**** Data section ****
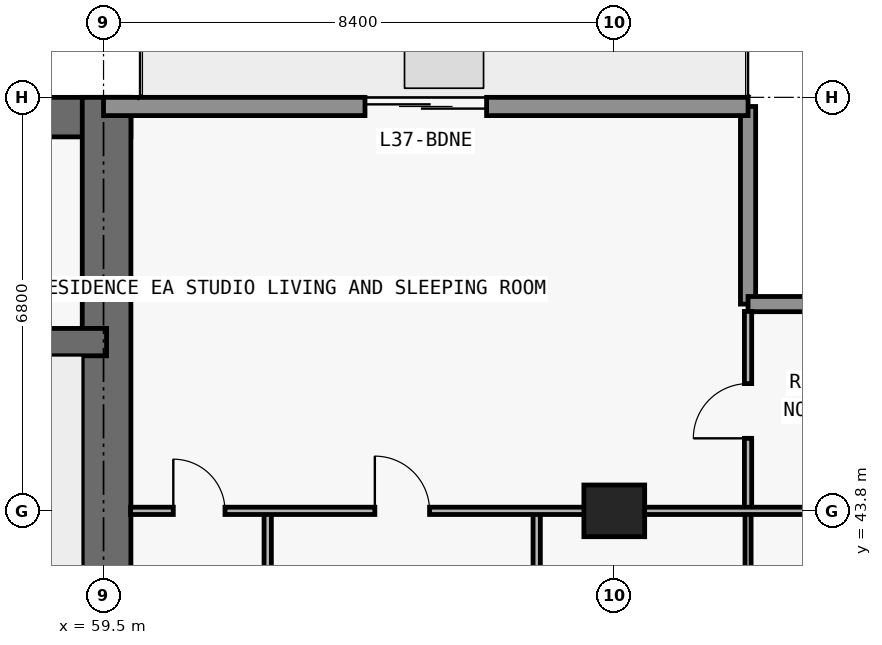
"""IFC4 building model, lengths in metres.
Left out: names, types, materials, properties, quantities, classifications, styles, units other than length and angle.
Written with IfcOpenShell. Run it as: python <this file> out.ifc"""

import sys

from ifc_helpers import new_model, si_unit, direction, frame, frame_2d, origin, origin_2d, place, context, subcontext, project, spatial, rectangle, extrude, element, fill, save


model = new_model("IFC4")
c1 = context("Model", 3, precision=1e-05, world=origin(), true_north=direction((0.0, 1.0)))
c2 = subcontext(c1, "Body", "Model", "MODEL_VIEW")
j1 = project(units=[si_unit("LENGTHUNIT", "METRE"), si_unit("PLANEANGLEUNIT", "RADIAN")], contexts=[c1])
p1 = place(None, origin())
s1 = spatial("IfcSite", under=j1, at=p1, CompositionType="ELEMENT")
p2 = place(p1, origin())
s2 = spatial("IfcBuilding", under=s1, at=p2, CompositionType="ELEMENT")
p3 = place(p2, frame((0.0, 0.0, 135.6)))
s3 = spatial("IfcBuildingStorey", under=s2, at=p3, CompositionType="ELEMENT", Elevation=135.6)
p4 = place(p3, frame((67.9, 43.8, 0.0), z_axis=(0.0, 0.0, 1.0), x_axis=(1.0, 0.0, 0.0)))
e1 = element("IfcColumn", 1, at=p4, inside=s3, PredefinedType="COLUMN", context=c2, shape_type="SweptSolid", body=[
    extrude(rectangle(XDim=1.0, YDim=0.85, at=origin_2d()), origin(), (0.0, 0.0, 1.0), 3.05),
])
p5 = place(p3, frame((17.85, 50.275, 0.0), z_axis=(0.0, 0.0, 1.0), x_axis=(1.0, 0.0, 0.0)))
e2 = element("IfcWall", 2, at=p5, inside=s3, PredefinedType="SHEAR", context=c2, shape_type="SweptSolid", body=[
    extrude(rectangle(XDim=42.1, YDim=0.65, at=frame_2d((21.05, 0.0))), origin(), (0.0, 0.0, 1.0), 3.05),
])
p6 = place(p3, frame((59.55, 36.55, 0.0), z_axis=(0.0, 0.0, 1.0), x_axis=(0.0, 1.0, 0.0)))
e3 = element("IfcWall", 3, at=p6, inside=s3, PredefinedType="SHEAR", context=c2, shape_type="SweptSolid", body=[
    extrude(rectangle(XDim=14.05, YDim=0.8, at=frame_2d((7.025, 0.0))), origin(), (0.0, 0.0, 1.0), 3.05),
])
p7 = place(p3, frame((18.25, 46.575, 0.0), z_axis=(0.0, 0.0, 1.0), x_axis=(1.0, 0.0, 0.0)))
e4 = element("IfcWall", 4, at=p7, inside=s3, PredefinedType="SHEAR", context=c2, shape_type="SweptSolid", body=[
    extrude(rectangle(XDim=41.3, YDim=0.45, at=frame_2d((20.65, 0.0))), origin(), (0.0, 0.0, 1.0), 3.05),
])
p8 = place(p7, frame((7.625, 0.0, 0.0)))
e5 = element("IfcOpeningElement", 5, at=p8, cuts=e4, PredefinedType="OPENING", context=c2, shape_type="SweptSolid", body=[
    extrude(rectangle(XDim=1.05, YDim=2.15, at=frame_2d((0.525, 1.075))), frame((0.0, 0.235, 0.0), z_axis=(0.0, -1.0, 0.0), x_axis=(1.0, 0.0, 0.0)), (0.0, 0.0, 1.0), 0.47),
])
p9 = place(p7, frame((32.675, 0.0, 0.0)))
e6 = element("IfcOpeningElement", 6, at=p9, cuts=e4, PredefinedType="OPENING", context=c2, shape_type="SweptSolid", body=[
    extrude(rectangle(XDim=1.05, YDim=2.15, at=frame_2d((0.525, 1.075))), frame((0.0, 0.235, 0.0), z_axis=(0.0, -1.0, 0.0), x_axis=(1.0, 0.0, 0.0)), (0.0, 0.0, 1.0), 0.47),
])
p10 = place(p3, frame((70.1, 50.45, 0.0), z_axis=(0.0, 0.0, 1.0), x_axis=(0.0, -1.0, 0.0)))
e7 = element("IfcWall", 7, at=p10, inside=s3, PredefinedType="ELEMENTEDWALL", context=c2, shape_type="SweptSolid", body=[
    extrude(rectangle(XDim=3.25, YDim=0.25, at=frame_2d((1.625, 0.0))), origin(), (0.0, 0.0, 1.0), 3.05),
])
p11 = place(p3, frame((70.1, 47.2, 0.0), z_axis=(0.0, 0.0, 1.0), x_axis=(1.0, 0.0, 0.0)))
e8 = element("IfcWall", 8, at=p11, inside=s3, PredefinedType="ELEMENTEDWALL", context=c2, shape_type="SweptSolid", body=[
    extrude(rectangle(XDim=3.65, YDim=0.25, at=frame_2d((1.825, 0.0))), origin(), (0.0, 0.0, 1.0), 3.05),
])
p12 = place(p3, frame((59.5, 50.45, 0.0), z_axis=(0.0, 0.0, 1.0), x_axis=(1.0, 0.0, 0.0)))
e9 = element("IfcWall", 9, at=p12, inside=s3, PredefinedType="STANDARD", context=c2, shape_type="SweptSolid", body=[
    extrude(rectangle(XDim=10.6, YDim=0.3, at=frame_2d((5.3, 0.0))), origin(), (0.0, 0.0, 1.0), 3.05),
])
p13 = place(p12, frame((4.3, 0.0, 0.0)))
e10 = element("IfcOpeningElement", 10, at=p13, cuts=e9, PredefinedType="OPENING", context=c2, shape_type="SweptSolid", body=[
    extrude(rectangle(XDim=2.0, YDim=2.3, at=frame_2d((1.0, 1.15))), frame((0.0, 0.16, 0.0), z_axis=(0.0, -1.0, 0.0), x_axis=(1.0, 0.0, 0.0)), (0.0, 0.0, 1.0), 0.32),
])
p14 = place(p3, frame((62.2, 36.95, 0.0), z_axis=(0.0, 0.0, 1.0), x_axis=(0.0, 1.0, 0.0)))
e11 = element("IfcWall", 11, at=p14, inside=s3, PredefinedType="PARTITIONING", context=c2, shape_type="SweptSolid", body=[
    extrude(rectangle(XDim=6.85, YDim=0.12, at=frame_2d((3.425, 0.0))), origin(), (0.0, 0.0, 1.0), 3.05),
])
p15 = place(p14, frame((1.219, 0.0, 0.0)))
e12 = element("IfcOpeningElement", 12, at=p15, cuts=e11, PredefinedType="OPENING", context=c2, shape_type="SweptSolid", body=[
    extrude(rectangle(XDim=0.85, YDim=2.1, at=frame_2d((0.425, 1.05))), frame((0.0, 0.07, 0.0), z_axis=(0.0, -1.0, 0.0), x_axis=(1.0, 0.0, 0.0)), (0.0, 0.0, 1.0), 0.14),
])
p16 = place(p3, frame((66.624, 36.95, 0.0), z_axis=(0.0, 0.0, 1.0), x_axis=(0.0, 1.0, 0.0)))
e13 = element("IfcWall", 13, at=p16, inside=s3, PredefinedType="PARTITIONING", context=c2, shape_type="SweptSolid", body=[
    extrude(rectangle(XDim=6.85, YDim=0.12, at=frame_2d((3.425, 0.0))), origin(), (0.0, 0.0, 1.0), 3.05),
])
p17 = place(p16, frame((2.975, 0.0, 0.0)))
e14 = element("IfcOpeningElement", 14, at=p17, cuts=e13, PredefinedType="OPENING", context=c2, shape_type="SweptSolid", body=[
    extrude(rectangle(XDim=0.9, YDim=2.15, at=frame_2d((0.45, 1.075))), frame((0.0, 0.07, 0.0), z_axis=(0.0, -1.0, 0.0), x_axis=(1.0, 0.0, 0.0)), (0.0, 0.0, 1.0), 0.14),
])
p18 = place(p3, frame((70.1, 36.955, 0.0), z_axis=(0.0, 0.0, 1.0), x_axis=(0.0, 1.0, 0.0)))
e15 = element("IfcWall", 15, at=p18, inside=s3, PredefinedType="MOVABLE", context=c2, shape_type="SweptSolid", body=[
    extrude(rectangle(XDim=6.845, YDim=0.1, at=frame_2d((3.422, 0.0))), origin(), (0.0, 0.0, 1.0), 3.05),
])
p19 = place(p18, frame((2.972, 0.0, 0.0)))
e16 = element("IfcOpeningElement", 16, at=p19, cuts=e15, PredefinedType="OPENING", context=c2, shape_type="SweptSolid", body=[
    extrude(rectangle(XDim=0.9, YDim=2.15, at=frame_2d((0.45, 1.075))), frame((0.0, 0.06, 0.0), z_axis=(0.0, -1.0, 0.0), x_axis=(1.0, 0.0, 0.0)), (0.0, 0.0, 1.0), 0.12),
])
p20 = place(p3, frame((70.1, 43.805, 0.0), z_axis=(0.0, 0.0, 1.0), x_axis=(0.0, 1.0, 0.0)))
e17 = element("IfcWall", 17, at=p20, inside=s3, PredefinedType="PARTITIONING", context=c2, shape_type="SweptSolid", body=[
    extrude(rectangle(XDim=3.275, YDim=0.12, at=frame_2d((1.638, 0.0))), origin(), (0.0, 0.0, 1.0), 3.05),
])
p21 = place(p20, frame((1.188, 0.0, 0.0)))
e18 = element("IfcOpeningElement", 18, at=p21, cuts=e17, PredefinedType="OPENING", context=c2, shape_type="SweptSolid", body=[
    extrude(rectangle(XDim=0.9, YDim=2.15, at=frame_2d((0.45, 1.075))), frame((0.0, 0.07, 0.0), z_axis=(0.0, -1.0, 0.0), x_axis=(1.0, 0.0, 0.0)), (0.0, 0.0, 1.0), 0.14),
])
p22 = place(p3, frame((59.945, 43.8, 0.0), z_axis=(0.0, 0.0, 1.0), x_axis=(1.0, 0.0, 0.0)))
e19 = element("IfcWall", 19, at=p22, inside=s3, PredefinedType="PARTITIONING", context=c2, shape_type="SweptSolid", body=[
    extrude(rectangle(XDim=13.66, YDim=0.12, at=frame_2d((6.83, 0.0))), origin(), (0.0, 0.0, 1.0), 2.339),
])
p23 = place(p22, frame((4.017, 0.0, 0.0)))
e20 = element("IfcOpeningElement", 20, at=p23, cuts=e19, PredefinedType="OPENING", context=c2, shape_type="SweptSolid", body=[
    extrude(rectangle(XDim=0.9, YDim=2.15, at=frame_2d((0.45, 1.075))), frame((0.0, 0.07, 0.0), z_axis=(0.0, -1.0, 0.0), x_axis=(1.0, 0.0, 0.0)), (0.0, 0.0, 1.0), 0.14),
])
p24 = place(p22, frame((0.702, 0.0, 0.0)))
e21 = element("IfcOpeningElement", 21, at=p24, cuts=e19, PredefinedType="OPENING", context=c2, shape_type="SweptSolid", body=[
    extrude(rectangle(XDim=0.85, YDim=2.1, at=frame_2d((0.425, 1.05))), frame((0.0, 0.07, 0.0), z_axis=(0.0, -1.0, 0.0), x_axis=(1.0, 0.0, 0.0)), (0.0, 0.0, 1.0), 0.14),
])
p25 = place(p13, origin())
e22 = element("IfcDoor", 22, at=p25, inside=s3, OperationType="DOUBLE_DOOR_SLIDING", PredefinedType="DOOR", context=c2, shape_type="SweptSolid", body=[
    extrude(rectangle(XDim=2.0, YDim=2.3, at=frame_2d((1.0, 1.15))), frame((0.0, 0.025, 0.0), z_axis=(0.0, -1.0, 0.0), x_axis=(1.0, 0.0, 0.0)), (0.0, 0.0, 1.0), 0.05),
])
fill(e10, e22)
p26 = place(p23, origin())
e23 = element("IfcDoor", 23, at=p26, inside=s3, OperationType="SINGLE_SWING_LEFT", PredefinedType="DOOR", context=c2, shape_type="SweptSolid", body=[
    extrude(rectangle(XDim=0.9, YDim=2.15, at=frame_2d((0.45, 1.075))), frame((0.0, 0.025, 0.0), z_axis=(0.0, -1.0, 0.0), x_axis=(1.0, 0.0, 0.0)), (0.0, 0.0, 1.0), 0.05),
])
fill(e20, e23)
p27 = place(p24, origin())
e24 = element("IfcDoor", 24, at=p27, inside=s3, OperationType="SINGLE_SWING_LEFT", PredefinedType="DOOR", context=c2, shape_type="SweptSolid", body=[
    extrude(rectangle(XDim=0.85, YDim=2.1, at=frame_2d((0.425, 1.05))), frame((0.0, 0.025, 0.0), z_axis=(0.0, -1.0, 0.0), x_axis=(1.0, 0.0, 0.0)), (0.0, 0.0, 1.0), 0.05),
])
fill(e21, e24)
p28 = place(p21, origin())
e25 = element("IfcDoor", 25, at=p28, inside=s3, OperationType="SINGLE_SWING_LEFT", PredefinedType="DOOR", context=c2, shape_type="SweptSolid", body=[
    extrude(rectangle(XDim=0.9, YDim=2.15, at=frame_2d((0.45, 1.075))), frame((0.0, 0.025, 0.0), z_axis=(0.0, -1.0, 0.0), x_axis=(1.0, 0.0, 0.0)), (0.0, 0.0, 1.0), 0.05),
])
fill(e18, e25)
save(model, sys.argv[1])
****
* **Exercise description**
Nothing but the lines from the first line of the data through the line with "from ifc_helpers import" belongs in the answer, copied exactly and without pictures.

* **Exercise output**
"""IFC4 building model, lengths in metres.
Left out: names, types, materials, properties, quantities, classifications, styles, units other than length and angle.
Written with IfcOpenShell. Run it as: python <this file> out.ifc"""

import sys

from ifc_helpers import new_model, si_unit, direction, frame, frame_2d, origin, origin_2d, place, context, subcontext, project, spatial, rectangle, extrude, element, fill, save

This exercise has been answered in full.